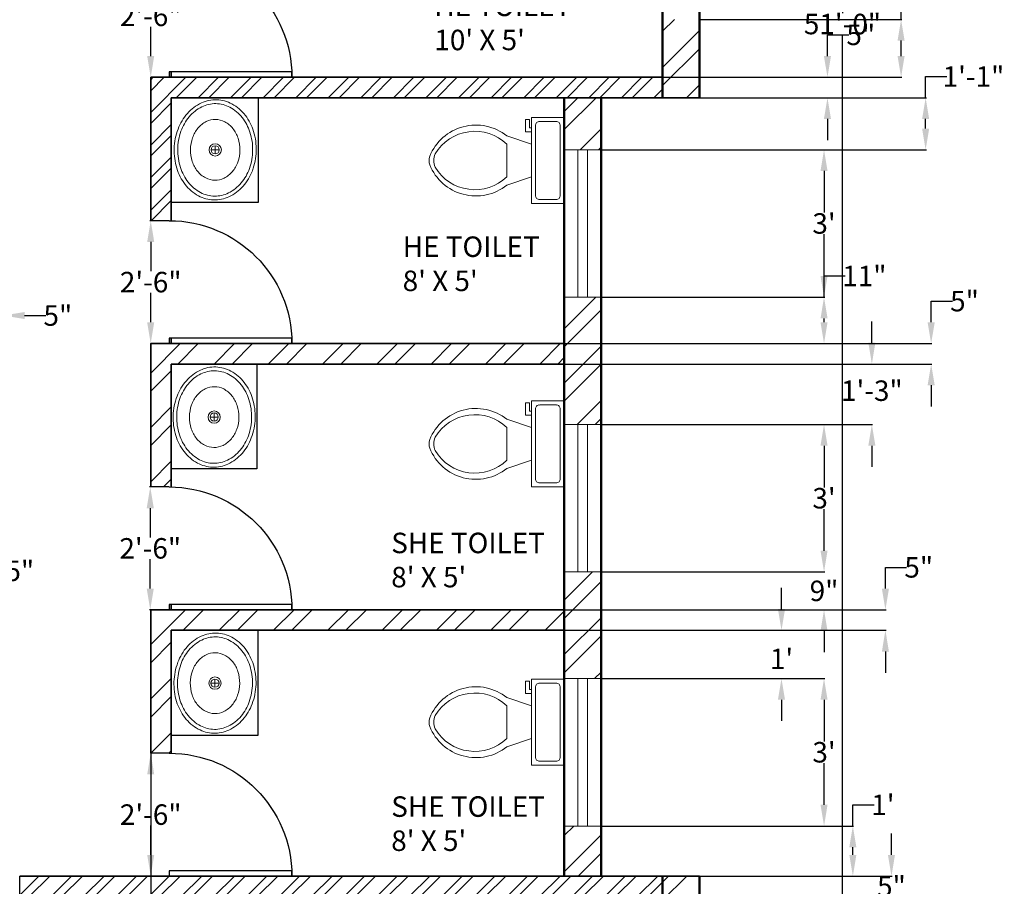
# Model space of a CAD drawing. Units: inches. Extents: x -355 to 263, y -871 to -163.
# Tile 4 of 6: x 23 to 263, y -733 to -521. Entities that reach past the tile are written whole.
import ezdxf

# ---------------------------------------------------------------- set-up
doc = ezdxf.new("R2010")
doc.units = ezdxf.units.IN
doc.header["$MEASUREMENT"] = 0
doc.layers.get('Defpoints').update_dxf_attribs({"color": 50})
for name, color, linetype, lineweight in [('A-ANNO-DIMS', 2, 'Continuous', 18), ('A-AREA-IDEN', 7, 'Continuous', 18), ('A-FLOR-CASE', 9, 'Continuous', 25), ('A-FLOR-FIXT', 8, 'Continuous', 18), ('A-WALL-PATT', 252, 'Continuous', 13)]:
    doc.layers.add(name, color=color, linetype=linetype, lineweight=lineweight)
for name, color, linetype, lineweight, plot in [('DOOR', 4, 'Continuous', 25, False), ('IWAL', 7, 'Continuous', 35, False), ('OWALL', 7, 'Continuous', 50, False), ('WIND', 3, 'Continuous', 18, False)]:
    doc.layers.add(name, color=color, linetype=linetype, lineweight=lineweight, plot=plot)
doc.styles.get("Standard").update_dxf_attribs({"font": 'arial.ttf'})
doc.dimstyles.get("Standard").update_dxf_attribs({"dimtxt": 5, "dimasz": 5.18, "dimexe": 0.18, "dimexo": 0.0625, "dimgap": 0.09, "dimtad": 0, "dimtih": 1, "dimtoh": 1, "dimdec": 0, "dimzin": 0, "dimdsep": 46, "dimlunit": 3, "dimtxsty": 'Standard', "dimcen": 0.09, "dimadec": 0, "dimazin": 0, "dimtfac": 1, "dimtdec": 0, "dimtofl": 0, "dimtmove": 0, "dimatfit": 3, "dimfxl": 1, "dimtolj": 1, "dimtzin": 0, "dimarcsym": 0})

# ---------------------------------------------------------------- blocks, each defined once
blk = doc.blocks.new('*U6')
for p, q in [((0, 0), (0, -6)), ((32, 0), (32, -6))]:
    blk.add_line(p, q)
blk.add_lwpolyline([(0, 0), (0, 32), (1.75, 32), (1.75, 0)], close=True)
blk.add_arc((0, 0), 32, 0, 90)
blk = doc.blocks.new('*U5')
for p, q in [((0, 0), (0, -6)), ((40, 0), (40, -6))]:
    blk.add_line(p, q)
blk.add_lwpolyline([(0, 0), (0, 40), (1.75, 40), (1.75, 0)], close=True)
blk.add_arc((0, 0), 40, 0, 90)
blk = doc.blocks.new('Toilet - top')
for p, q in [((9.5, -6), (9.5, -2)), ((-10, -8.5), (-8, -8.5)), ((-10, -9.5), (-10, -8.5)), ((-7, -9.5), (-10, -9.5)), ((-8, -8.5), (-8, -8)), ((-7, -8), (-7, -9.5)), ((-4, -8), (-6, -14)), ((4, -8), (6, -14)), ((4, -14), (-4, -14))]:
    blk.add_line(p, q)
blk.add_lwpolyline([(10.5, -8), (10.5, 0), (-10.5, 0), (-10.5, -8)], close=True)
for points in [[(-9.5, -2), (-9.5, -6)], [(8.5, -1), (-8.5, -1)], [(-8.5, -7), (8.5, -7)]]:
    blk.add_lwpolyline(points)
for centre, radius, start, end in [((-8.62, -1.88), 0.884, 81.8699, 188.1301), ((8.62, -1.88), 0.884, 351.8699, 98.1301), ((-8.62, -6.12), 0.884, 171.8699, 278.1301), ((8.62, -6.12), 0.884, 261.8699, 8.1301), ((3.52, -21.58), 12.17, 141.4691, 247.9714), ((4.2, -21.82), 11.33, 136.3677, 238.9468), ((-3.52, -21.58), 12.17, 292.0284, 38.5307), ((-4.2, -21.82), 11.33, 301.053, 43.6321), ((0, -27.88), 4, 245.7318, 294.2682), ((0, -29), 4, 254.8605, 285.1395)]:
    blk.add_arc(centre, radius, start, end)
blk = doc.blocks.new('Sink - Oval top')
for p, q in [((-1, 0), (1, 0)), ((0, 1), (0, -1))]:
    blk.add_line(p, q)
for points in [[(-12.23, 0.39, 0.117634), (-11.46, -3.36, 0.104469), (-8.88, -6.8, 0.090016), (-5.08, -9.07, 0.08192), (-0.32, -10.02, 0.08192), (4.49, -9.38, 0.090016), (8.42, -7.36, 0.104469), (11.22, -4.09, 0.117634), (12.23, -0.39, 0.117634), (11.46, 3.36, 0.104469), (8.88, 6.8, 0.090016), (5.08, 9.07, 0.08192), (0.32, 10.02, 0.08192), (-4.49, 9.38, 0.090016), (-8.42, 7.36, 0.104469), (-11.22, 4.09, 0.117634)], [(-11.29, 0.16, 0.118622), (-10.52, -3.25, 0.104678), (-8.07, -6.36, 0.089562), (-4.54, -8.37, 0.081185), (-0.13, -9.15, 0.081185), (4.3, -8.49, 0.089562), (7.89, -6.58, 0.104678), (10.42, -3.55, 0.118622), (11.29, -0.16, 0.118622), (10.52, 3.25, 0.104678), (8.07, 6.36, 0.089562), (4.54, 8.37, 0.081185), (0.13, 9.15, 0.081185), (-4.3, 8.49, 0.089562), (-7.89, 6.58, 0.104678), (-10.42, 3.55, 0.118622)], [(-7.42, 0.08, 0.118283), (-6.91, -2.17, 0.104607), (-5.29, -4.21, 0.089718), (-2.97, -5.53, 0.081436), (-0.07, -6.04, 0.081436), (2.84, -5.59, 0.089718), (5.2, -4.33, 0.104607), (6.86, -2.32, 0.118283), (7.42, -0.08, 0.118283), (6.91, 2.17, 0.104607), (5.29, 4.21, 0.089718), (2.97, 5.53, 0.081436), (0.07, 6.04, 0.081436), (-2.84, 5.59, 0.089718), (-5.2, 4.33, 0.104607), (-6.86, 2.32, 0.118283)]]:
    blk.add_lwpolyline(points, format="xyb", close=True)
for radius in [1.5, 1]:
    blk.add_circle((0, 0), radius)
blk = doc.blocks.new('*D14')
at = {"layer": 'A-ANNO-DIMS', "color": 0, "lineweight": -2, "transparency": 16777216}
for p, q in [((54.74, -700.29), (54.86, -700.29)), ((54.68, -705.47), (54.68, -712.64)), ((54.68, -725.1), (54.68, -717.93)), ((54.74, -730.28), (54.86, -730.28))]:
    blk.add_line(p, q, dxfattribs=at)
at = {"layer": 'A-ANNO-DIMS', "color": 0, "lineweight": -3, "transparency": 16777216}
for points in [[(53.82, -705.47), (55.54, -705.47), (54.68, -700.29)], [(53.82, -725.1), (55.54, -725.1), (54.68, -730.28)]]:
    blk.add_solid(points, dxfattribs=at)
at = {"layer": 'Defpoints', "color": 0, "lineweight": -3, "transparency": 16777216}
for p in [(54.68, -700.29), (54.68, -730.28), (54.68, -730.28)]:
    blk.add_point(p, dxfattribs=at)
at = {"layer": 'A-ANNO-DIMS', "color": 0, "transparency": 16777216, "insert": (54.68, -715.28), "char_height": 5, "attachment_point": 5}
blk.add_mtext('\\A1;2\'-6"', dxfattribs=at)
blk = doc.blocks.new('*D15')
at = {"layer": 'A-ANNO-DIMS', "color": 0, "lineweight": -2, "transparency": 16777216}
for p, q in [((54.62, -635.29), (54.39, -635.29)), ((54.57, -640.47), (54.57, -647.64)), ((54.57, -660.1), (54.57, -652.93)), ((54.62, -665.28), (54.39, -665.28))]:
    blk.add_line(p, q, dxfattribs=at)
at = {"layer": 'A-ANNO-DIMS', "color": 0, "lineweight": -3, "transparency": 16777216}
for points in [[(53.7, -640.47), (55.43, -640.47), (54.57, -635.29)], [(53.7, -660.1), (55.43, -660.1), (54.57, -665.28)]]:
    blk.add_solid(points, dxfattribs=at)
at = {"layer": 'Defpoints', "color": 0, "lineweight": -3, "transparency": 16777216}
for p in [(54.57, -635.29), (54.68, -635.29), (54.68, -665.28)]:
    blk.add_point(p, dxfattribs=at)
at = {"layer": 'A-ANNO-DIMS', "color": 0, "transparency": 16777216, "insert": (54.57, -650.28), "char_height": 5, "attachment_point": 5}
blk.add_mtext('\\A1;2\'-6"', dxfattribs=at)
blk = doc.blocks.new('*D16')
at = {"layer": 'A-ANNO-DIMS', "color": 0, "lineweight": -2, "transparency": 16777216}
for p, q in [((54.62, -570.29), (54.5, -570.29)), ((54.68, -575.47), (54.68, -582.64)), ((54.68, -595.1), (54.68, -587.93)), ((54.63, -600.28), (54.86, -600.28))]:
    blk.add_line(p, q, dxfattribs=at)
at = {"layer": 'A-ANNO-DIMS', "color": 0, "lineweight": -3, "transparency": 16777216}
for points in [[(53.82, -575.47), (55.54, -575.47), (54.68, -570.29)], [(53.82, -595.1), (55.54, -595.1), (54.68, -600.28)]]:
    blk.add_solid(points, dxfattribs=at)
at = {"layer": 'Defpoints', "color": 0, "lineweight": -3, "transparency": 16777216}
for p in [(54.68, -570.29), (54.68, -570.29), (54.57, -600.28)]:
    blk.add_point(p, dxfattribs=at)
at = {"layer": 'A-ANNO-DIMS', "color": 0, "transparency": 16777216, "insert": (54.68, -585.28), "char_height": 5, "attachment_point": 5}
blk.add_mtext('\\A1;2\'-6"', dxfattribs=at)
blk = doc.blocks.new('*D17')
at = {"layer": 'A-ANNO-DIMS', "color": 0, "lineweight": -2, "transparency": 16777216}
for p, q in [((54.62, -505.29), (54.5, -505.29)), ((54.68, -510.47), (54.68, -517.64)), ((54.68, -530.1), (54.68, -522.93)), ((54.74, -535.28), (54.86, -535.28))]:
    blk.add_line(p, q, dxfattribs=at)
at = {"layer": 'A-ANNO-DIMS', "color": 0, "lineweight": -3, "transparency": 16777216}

* INSTRUCTIONS FOR THE TASK *
Transcribe exactly, and only, the lines from the one bearing "blk = doc.blocks.new('*D17')" through the last line of the entries, counting both.

* RESPONSE FOR THIS EXERCISE *
blk = doc.blocks.new('*D17')
at = {"layer": 'A-ANNO-DIMS', "color": 0, "lineweight": -2, "transparency": 16777216}
for p, q in [((54.62, -505.29), (54.5, -505.29)), ((54.68, -510.47), (54.68, -517.64)), ((54.68, -530.1), (54.68, -522.93)), ((54.74, -535.28), (54.86, -535.28))]:
    blk.add_line(p, q, dxfattribs=at)
at = {"layer": 'A-ANNO-DIMS', "color": 0, "lineweight": -3, "transparency": 16777216}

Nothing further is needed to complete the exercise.